* _Task details_
Go to the line containing "p18 = place(p17, frame((1.263, 0.0, 0.9)))" in the records below and print it and every following line exactly, on through the line containing "p24 = place(p17, frame((25.426, 0.0, 0.9)))", then stop.

(Collected data entries)
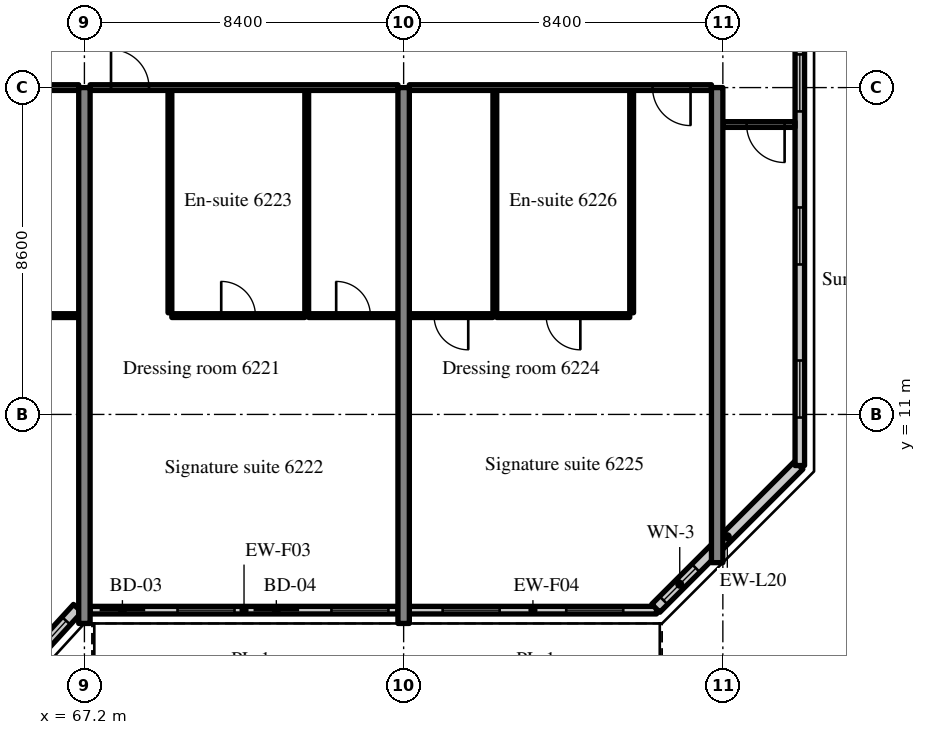
"""IFC4 building model, lengths in metres.
Left out: names, types, materials, properties, quantities, classifications, styles, units other than length and angle.
Written with IfcOpenShell. Run it as: python <this file> out.ifc"""

import sys

from ifc_helpers import new_model, si_unit, direction, frame, frame_2d, origin, place, context, subcontext, project, spatial, rectangle, extrude, source, transform, mapped, element, fill, save


model = new_model("IFC4")
c1 = context("Model", 3, precision=1e-05, world=origin(), true_north=direction((0.0, 1.0)))
c2 = subcontext(c1, "Body", "Model", "MODEL_VIEW")
j1 = project(units=[si_unit("LENGTHUNIT", "METRE"), si_unit("PLANEANGLEUNIT", "RADIAN")], contexts=[c1])
p1 = place(None, origin())
s1 = spatial("IfcSite", under=j1, at=p1, CompositionType="ELEMENT")
p2 = place(p1, origin())
s2 = spatial("IfcBuilding", under=s1, at=p2, CompositionType="ELEMENT")
p3 = place(p2, frame((0.0, 0.0, 256.9)))
s3 = spatial("IfcBuildingStorey", under=s2, at=p3, CompositionType="ELEMENT", Elevation=256.9)
m1 = source(origin(), c2, "Body", "SweptSolid", [
    extrude(rectangle(XDim=14.1, YDim=0.3, at=frame_2d((7.05, 0.0))), origin(), (0.0, 0.0, 1.0), 3.62),
])
for number, where, z_axis, x_axis in (
    (1, (67.2, 5.5, 0.0), (0.0, 0.0, 1.0), (0.0, 1.0, 0.0)),
    (2, (75.6, 5.5, 0.0), (0.0, 0.0, 1.0), (0.0, 1.0, 0.0)),
):
    element("IfcWall", number, at=place(p3, frame(where, z_axis=z_axis, x_axis=x_axis)), inside=s3, PredefinedType="SHEAR", context=c2, shape_type="MappedRepresentation", body=[
        mapped(m1, transform((0.0, 0.0, 0.0), scale=1.0)),
    ])
m2 = source(origin(), c2, "Body", "SweptSolid", [
    extrude(rectangle(XDim=12.5, YDim=0.3, at=frame_2d((6.25, 0.0))), origin(), (0.0, 0.0, 1.0), 3.62),
])
p4 = place(p3, frame((83.85, 7.1, 0.0), z_axis=(0.0, 0.0, 1.0), x_axis=(0.0, 1.0, 0.0)))
e3 = element("IfcWall", 3, at=p4, inside=s3, PredefinedType="SHEAR", context=c2, shape_type="MappedRepresentation", body=[
    mapped(m2, transform((0.0, 0.0, 0.0), scale=1.0)),
])
m3 = source(origin(), c2, "Body", "SweptSolid", [
    extrude(rectangle(XDim=2.398, YDim=0.3, at=frame_2d((1.199, 0.0))), origin(), (0.0, 0.0, 1.0), 3.62),
])
p5 = place(p3, frame((65.404, 4.131, 0.0), z_axis=(0.0, 0.0, 1.0), x_axis=(0.675374189419, 0.737475222815, 0.0)))
e4 = element("IfcWall", 4, at=p5, inside=s3, PredefinedType="SOLIDWALL", context=c2, shape_type="MappedRepresentation", body=[
    mapped(m3, transform((0.0, 0.0, 0.0), scale=1.0)),
])
m4 = source(origin(), c2, "Body", "SweptSolid", [
    extrude(rectangle(XDim=1.5, YDim=2.0, at=frame_2d((0.75, 1.0))), frame((0.0, 0.16, 0.0), z_axis=(0.0, -1.0, 0.0), x_axis=(1.0, 0.0, 0.0)), (0.0, 0.0, 1.0), 0.32),
])
p6 = place(p5, frame((0.449, 0.0, 0.9)))
e5 = element("IfcOpeningElement", 5, at=p6, cuts=e4, PredefinedType="OPENING", context=c2, shape_type="MappedRepresentation", body=[
    mapped(m4, transform((0.0, 0.0, 0.0), scale=1.0)),
])
m5 = source(origin(), c2, "Body", "SweptSolid", [
    extrude(rectangle(XDim=8.1, YDim=0.2, at=frame_2d((4.05, 0.0))), origin(), (0.0, 0.0, 1.0), 3.02),
])
p7 = place(p3, frame((67.35, 5.85, 0.0), z_axis=(0.0, 0.0, 1.0), x_axis=(1.0, 0.0, 0.0)))
e6 = element("IfcWall", 6, at=p7, inside=s3, PredefinedType="SOLIDWALL", context=c2, shape_type="MappedRepresentation", body=[
    mapped(m5, transform((0.0, 0.0, 0.0), scale=1.0)),
])
m6 = source(origin(), c2, "Body", "SweptSolid", [
    extrude(rectangle(XDim=1.2, YDim=2.4, at=frame_2d((0.6, 1.2))), frame((0.0, 0.11, 0.0), z_axis=(0.0, -1.0, 0.0), x_axis=(1.0, 0.0, 0.0)), (0.0, 0.0, 1.0), 0.22),
])
p8 = place(p7, frame((0.25, 0.0, 0.0)))
e7 = element("IfcOpeningElement", 7, at=p8, cuts=e6, PredefinedType="OPENING", context=c2, shape_type="MappedRepresentation", body=[
    mapped(m6, transform((0.0, 0.0, 0.0), scale=1.0)),
])
m7 = source(origin(), c2, "Body", "SweptSolid", [
    extrude(rectangle(XDim=1.5, YDim=1.5, at=frame_2d((0.75, 0.75))), frame((0.0, 0.11, 0.0), z_axis=(0.0, -1.0, 0.0), x_axis=(1.0, 0.0, 0.0)), (0.0, 0.0, 1.0), 0.22),
])
p9 = place(p7, frame((2.3, 0.0, 0.9)))
e8 = element("IfcOpeningElement", 8, at=p9, cuts=e6, PredefinedType="OPENING", context=c2, shape_type="MappedRepresentation", body=[
    mapped(m7, transform((0.0, 0.0, 0.0), scale=1.0)),
])
p10 = place(p7, frame((4.3, 0.0, 0.0)))
e9 = element("IfcOpeningElement", 9, at=p10, cuts=e6, PredefinedType="OPENING", context=c2, shape_type="MappedRepresentation", body=[
    mapped(m6, transform((0.0, 0.0, 0.0), scale=1.0)),
])
p11 = place(p7, frame((6.35, 0.0, 0.9)))
e10 = element("IfcOpeningElement", 10, at=p11, cuts=e6, PredefinedType="OPENING", context=c2, shape_type="MappedRepresentation", body=[
    mapped(m7, transform((0.0, 0.0, 0.0), scale=1.0)),
])
m8 = source(origin(), c2, "Body", "SweptSolid", [
    extrude(rectangle(XDim=6.505, YDim=0.2, at=frame_2d((3.252, 0.0))), origin(), (0.0, 0.0, 1.0), 3.02),
])
p12 = place(p3, frame((75.75, 5.85, 0.0), z_axis=(0.0, 0.0, 1.0), x_axis=(1.0, 0.0, 0.0)))
e11 = element("IfcWall", 11, at=p12, inside=s3, PredefinedType="SOLIDWALL", context=c2, shape_type="MappedRepresentation", body=[
    mapped(m8, transform((0.0, 0.0, 0.0), scale=1.0)),
])
p13 = place(p12, frame((0.876, 0.0, 0.9)))
e12 = element("IfcOpeningElement", 12, at=p13, cuts=e11, PredefinedType="OPENING", context=c2, shape_type="MappedRepresentation", body=[
    mapped(m7, transform((0.0, 0.0, 0.0), scale=1.0)),
])
p14 = place(p12, frame((4.129, 0.0, 0.9)))
e13 = element("IfcOpeningElement", 13, at=p14, cuts=e11, PredefinedType="OPENING", context=c2, shape_type="MappedRepresentation", body=[
    mapped(m7, transform((0.0, 0.0, 0.0), scale=1.0)),
])
m9 = source(origin(), c2, "Body", "SweptSolid", [
    extrude(rectangle(XDim=5.326, YDim=0.3, at=frame_2d((2.663, 0.0))), origin(), (0.0, 0.0, 1.0), 3.62),
])
p15 = place(p3, frame((82.234, 5.9, 0.0), z_axis=(0.0, 0.0, 1.0), x_axis=(0.707083859269, 0.707129702361, 0.0)))
e14 = element("IfcWall", 14, at=p15, inside=s3, PredefinedType="SOLIDWALL", context=c2, shape_type="MappedRepresentation", body=[
    mapped(m9, transform((0.0, 0.0, 0.0), scale=1.0)),
])
m10 = source(origin(), c2, "Body", "SweptSolid", [
    extrude(rectangle(XDim=1.2, YDim=1.5, at=frame_2d((0.6, 0.75))), frame((0.0, 0.16, 0.0), z_axis=(0.0, -1.0, 0.0), x_axis=(1.0, 0.0, 0.0)), (0.0, 0.0, 1.0), 0.32),
])
p16 = place(p15, frame((0.292, 0.0, 0.9)))
e15 = element("IfcOpeningElement", 15, at=p16, cuts=e14, PredefinedType="OPENING", context=c2, shape_type="MappedRepresentation", body=[
    mapped(m10, transform((0.0, 0.0, 0.0), scale=1.0)),
])
m11 = source(origin(), c2, "Body", "SweptSolid", [
    extrude(rectangle(XDim=28.189, YDim=0.25, at=frame_2d((14.095, 0.0))), origin(), (0.0, 0.0, 1.0), 3.62),
])
p17 = place(p3, frame((86.025, 9.655, 0.0), z_axis=(0.0, 0.0, 1.0), x_axis=(0.0, 1.0, 0.0)))
e16 = element("IfcWall", 16, at=p17, inside=s3, PredefinedType="SOLIDWALL", context=c2, shape_type="MappedRepresentation", body=[
    mapped(m11, transform((0.0, 0.0, 0.0), scale=1.0)),
])
m12 = source(origin(), c2, "Body", "SweptSolid", [
    extrude(rectangle(XDim=1.5, YDim=1.5, at=frame_2d((0.75, 0.75))), frame((0.0, 0.135, 0.0), z_axis=(0.0, -1.0, 0.0), x_axis=(1.0, 0.0, 0.0)), (0.0, 0.0, 1.0), 0.27),
])
p18 = place(p17, frame((1.263, 0.0, 0.9)))
e17 = element("IfcOpeningElement", 17, at=p18, cuts=e16, PredefinedType="OPENING", context=c2, shape_type="MappedRepresentation", body=[
    mapped(m12, transform((0.0, 0.0, 0.0), scale=1.0)),
])
p19 = place(p17, frame((5.291, 0.0, 0.9)))
e18 = element("IfcOpeningElement", 18, at=p19, cuts=e16, PredefinedType="OPENING", context=c2, shape_type="MappedRepresentation", body=[
    mapped(m12, transform((0.0, 0.0, 0.0), scale=1.0)),
])
p20 = place(p17, frame((9.318, 0.0, 0.9)))
e19 = element("IfcOpeningElement", 19, at=p20, cuts=e16, PredefinedType="OPENING", context=c2, shape_type="MappedRepresentation", body=[
    mapped(m12, transform((0.0, 0.0, 0.0), scale=1.0)),
])
p21 = place(p17, frame((13.345, 0.0, 0.9)))
e20 = element("IfcOpeningElement", 20, at=p21, cuts=e16, PredefinedType="OPENING", context=c2, shape_type="MappedRepresentation", body=[
    mapped(m12, transform((0.0, 0.0, 0.0), scale=1.0)),
])
p22 = place(p17, frame((17.372, 0.0, 0.9)))
e21 = element("IfcOpeningElement", 21, at=p22, cuts=e16, PredefinedType="OPENING", context=c2, shape_type="MappedRepresentation", body=[
    mapped(m12, transform((0.0, 0.0, 0.0), scale=1.0)),
])
p23 = place(p17, frame((21.399, 0.0, 0.9)))
e22 = element("IfcOpeningElement", 22, at=p23, cuts=e16, PredefinedType="OPENING", context=c2, shape_type="MappedRepresentation", body=[
    mapped(m12, transform((0.0, 0.0, 0.0), scale=1.0)),
])
p24 = place(p17, frame((25.426, 0.0, 0.9)))
e23 = element("IfcOpeningElement", 23, at=p24, cuts=e16, PredefinedType="OPENING", context=c2, shape_type="MappedRepresentation", body=[
    mapped(m12, transform((0.0, 0.0, 0.0), scale=1.0)),
])
m13 = source(origin(), c2, "Body", "SweptSolid", [
    extrude(rectangle(XDim=2.35, YDim=0.1, at=frame_2d((1.175, 0.0))), origin(), (0.0, 0.0, 1.0), 3.62),
])
p25 = place(p3, frame((64.7, 13.6, 0.0), z_axis=(0.0, 0.0, 1.0), x_axis=(1.0, 0.0, 0.0)))
e24 = element("IfcWall", 24, at=p25, inside=s3, PredefinedType="PARTITIONING", context=c2, shape_type="MappedRepresentation", body=[
    mapped(m13, transform((0.0, 0.0, 0.0), scale=1.0)),
])
m14 = source(origin(), c2, "Body", "SweptSolid", [
    extrude(rectangle(XDim=0.9, YDim=2.1, at=frame_2d((0.45, 1.05))), frame((0.0, 0.06, 0.0), z_axis=(0.0, -1.0, 0.0), x_axis=(1.0, 0.0, 0.0)), (0.0, 0.0, 1.0), 0.12),
])
p26 = place(p25, frame((0.725, 0.0, 0.0)))
e25 = element("IfcOpeningElement", 25, at=p26, cuts=e24, PredefinedType="OPENING", context=c2, shape_type="MappedRepresentation", body=[
    mapped(m14, transform((0.0, 0.0, 0.0), scale=1.0)),
])
m15 = source(origin(), c2, "Body", "SweptSolid", [
    extrude(rectangle(XDim=8.1, YDim=0.15, at=frame_2d((4.05, 0.0))), origin(), (0.0, 0.0, 1.0), 2.92),
])
p27 = place(p3, frame((58.95, 19.6, 0.0), z_axis=(0.0, 0.0, 1.0), x_axis=(1.0, 0.0, 0.0)))
e26 = element("IfcWall", 26, at=p27, inside=s3, PredefinedType="PARTITIONING", context=c2, shape_type="MappedRepresentation", body=[
    mapped(m15, transform((0.0, 0.0, 0.0), scale=1.0)),
])
m16 = source(origin(), c2, "Body", "SweptSolid", [
    extrude(rectangle(XDim=1.0, YDim=2.1, at=frame_2d((0.5, 1.05))), frame((0.0, 0.085, 0.0), z_axis=(0.0, -1.0, 0.0), x_axis=(1.0, 0.0, 0.0)), (0.0, 0.0, 1.0), 0.17),
])
p28 = place(p27, frame((0.55, 0.0, 0.0)))
e27 = element("IfcOpeningElement", 27, at=p28, cuts=e26, PredefinedType="OPENING", context=c2, shape_type="MappedRepresentation", body=[
    mapped(m16, transform((0.0, 0.0, 0.0), scale=1.0)),
])
m17 = source(origin(), c2, "Body", "SweptSolid", [
    extrude(rectangle(XDim=5.85, YDim=0.1, at=frame_2d((2.925, 0.0))), origin(), (0.0, 0.0, 1.0), 3.62),
])
for number, where, z_axis, x_axis in (
    (28, (69.45, 13.675, 0.0), (0.0, 0.0, 1.0), (0.0, 1.0, 0.0)),
    (29, (73.05, 13.675, 0.0), (0.0, 0.0, 1.0), (0.0, 1.0, 0.0)),
):
    element("IfcWall", number, at=place(p3, frame(where, z_axis=z_axis, x_axis=x_axis)), inside=s3, PredefinedType="PARTITIONING", context=c2, shape_type="MappedRepresentation", body=[
        mapped(m17, transform((0.0, 0.0, 0.0), scale=1.0)),
    ])
m18 = source(origin(), c2, "Body", "SweptSolid", [
    extrude(rectangle(XDim=3.5, YDim=0.1, at=frame_2d((1.75, 0.0))), origin(), (0.0, 0.0, 1.0), 3.62),
])
p29 = place(p3, frame((69.5, 13.6, 0.0), z_axis=(0.0, 0.0, 1.0), x_axis=(1.0, 0.0, 0.0)))
e30 = element("IfcWall", 30, at=p29, inside=s3, PredefinedType="PARTITIONING", context=c2, shape_type="MappedRepresentation", body=[
    mapped(m18, transform((0.0, 0.0, 0.0), scale=1.0)),
])
p30 = place(p29, frame((1.3, 0.0, 0.0)))
e31 = element("IfcOpeningElement", 31, at=p30, cuts=e30, PredefinedType="OPENING", context=c2, shape_type="MappedRepresentation", body=[
    mapped(m14, transform((0.0, 0.0, 0.0), scale=1.0)),
])
m19 = source(origin(), c2, "Body", "SweptSolid", [
    extrude(rectangle(XDim=2.35, YDim=0.1, at=frame_2d((1.175, 0.0))), origin(), (0.0, 0.0, 1.0), 3.62),
])
p31 = place(p3, frame((73.1, 13.6, 0.0), z_axis=(0.0, 0.0, 1.0), x_axis=(1.0, 0.0, 0.0)))
e32 = element("IfcWall", 32, at=p31, inside=s3, PredefinedType="PARTITIONING", context=c2, shape_type="MappedRepresentation", body=[
    mapped(m19, transform((0.0, 0.0, 0.0), scale=1.0)),
])
p32 = place(p31, frame((0.725, 0.0, 0.0)))
e33 = element("IfcOpeningElement", 33, at=p32, cuts=e32, PredefinedType="OPENING", context=c2, shape_type="MappedRepresentation", body=[
    mapped(m14, transform((0.0, 0.0, 0.0), scale=1.0)),
])
m20 = source(origin(), c2, "Body", "SweptSolid", [
    extrude(rectangle(XDim=8.1, YDim=0.15, at=frame_2d((4.05, 0.0))), origin(), (0.0, 0.0, 1.0), 2.92),
])
p33 = place(p3, frame((67.35, 19.6, 0.0), z_axis=(0.0, 0.0, 1.0), x_axis=(1.0, 0.0, 0.0)))
e34 = element("IfcWall", 34, at=p33, inside=s3, PredefinedType="PARTITIONING", context=c2, shape_type="MappedRepresentation", body=[
    mapped(m20, transform((0.0, 0.0, 0.0), scale=1.0)),
])
p34 = place(p33, frame((0.55, 0.0, 0.0)))
e35 = element("IfcOpeningElement", 35, at=p34, cuts=e34, PredefinedType="OPENING", context=c2, shape_type="MappedRepresentation", body=[
    mapped(m16, transform((0.0, 0.0, 0.0), scale=1.0)),
])
for number, where, z_axis, x_axis in (
    (36, (81.6, 13.675, 0.0), (0.0, 0.0, 1.0), (0.0, 1.0, 0.0)),
    (37, (78.0, 13.675, 0.0), (0.0, 0.0, 1.0), (0.0, 1.0, 0.0)),
):
    element("IfcWall", number, at=place(p3, frame(where, z_axis=z_axis, x_axis=x_axis)), inside=s3, PredefinedType="PARTITIONING", context=c2, shape_type="MappedRepresentation", body=[
        mapped(m17, transform((0.0, 0.0, 0.0), scale=1.0)),
    ])
p35 = place(p3, frame((78.05, 13.6, 0.0), z_axis=(0.0, 0.0, 1.0), x_axis=(1.0, 0.0, 0.0)))
e38 = element("IfcWall", 38, at=p35, inside=s3, PredefinedType="PARTITIONING", context=c2, shape_type="MappedRepresentation", body=[
    mapped(m18, transform((0.0, 0.0, 0.0), scale=1.0)),
])
p36 = place(p35, frame((1.3, 0.0, 0.0)))
e39 = element("IfcOpeningElement", 39, at=p36, cuts=e38, PredefinedType="OPENING", context=c2, shape_type="MappedRepresentation", body=[
    mapped(m14, transform((0.0, 0.0, 0.0), scale=1.0)),
])
m21 = source(origin(), c2, "Body", "SweptSolid", [
    extrude(rectangle(XDim=2.2, YDim=0.1, at=frame_2d((1.1, 0.0))), origin(), (0.0, 0.0, 1.0), 3.62),
])
p37 = place(p3, frame((75.75, 13.6, 0.0), z_axis=(0.0, 0.0, 1.0), x_axis=(1.0, 0.0, 0.0)))
e40 = element("IfcWall", 40, at=p37, inside=s3, PredefinedType="PARTITIONING", context=c2, shape_type="MappedRepresentation", body=[
    mapped(m21, transform((0.0, 0.0, 0.0), scale=1.0)),
])
p38 = place(p37, frame((0.65, 0.0, 0.0)))
e41 = element("IfcOpeningElement", 41, at=p38, cuts=e40, PredefinedType="OPENING", context=c2, shape_type="MappedRepresentation", body=[
    mapped(m14, transform((0.0, 0.0, 0.0), scale=1.0)),
])
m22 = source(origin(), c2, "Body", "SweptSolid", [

* _Response to the exercise_
p18 = place(p17, frame((1.263, 0.0, 0.9)))
e17 = element("IfcOpeningElement", 17, at=p18, cuts=e16, PredefinedType="OPENING", context=c2, shape_type="MappedRepresentation", body=[
    mapped(m12, transform((0.0, 0.0, 0.0), scale=1.0)),
])
p19 = place(p17, frame((5.291, 0.0, 0.9)))
e18 = element("IfcOpeningElement", 18, at=p19, cuts=e16, PredefinedType="OPENING", context=c2, shape_type="MappedRepresentation", body=[
    mapped(m12, transform((0.0, 0.0, 0.0), scale=1.0)),
])
p20 = place(p17, frame((9.318, 0.0, 0.9)))
e19 = element("IfcOpeningElement", 19, at=p20, cuts=e16, PredefinedType="OPENING", context=c2, shape_type="MappedRepresentation", body=[
    mapped(m12, transform((0.0, 0.0, 0.0), scale=1.0)),
])
p21 = place(p17, frame((13.345, 0.0, 0.9)))
e20 = element("IfcOpeningElement", 20, at=p21, cuts=e16, PredefinedType="OPENING", context=c2, shape_type="MappedRepresentation", body=[
    mapped(m12, transform((0.0, 0.0, 0.0), scale=1.0)),
])
p22 = place(p17, frame((17.372, 0.0, 0.9)))
e21 = element("IfcOpeningElement", 21, at=p22, cuts=e16, PredefinedType="OPENING", context=c2, shape_type="MappedRepresentation", body=[
    mapped(m12, transform((0.0, 0.0, 0.0), scale=1.0)),
])
p23 = place(p17, frame((21.399, 0.0, 0.9)))
e22 = element("IfcOpeningElement", 22, at=p23, cuts=e16, PredefinedType="OPENING", context=c2, shape_type="MappedRepresentation", body=[
    mapped(m12, transform((0.0, 0.0, 0.0), scale=1.0)),
])
p24 = place(p17, frame((25.426, 0.0, 0.9)))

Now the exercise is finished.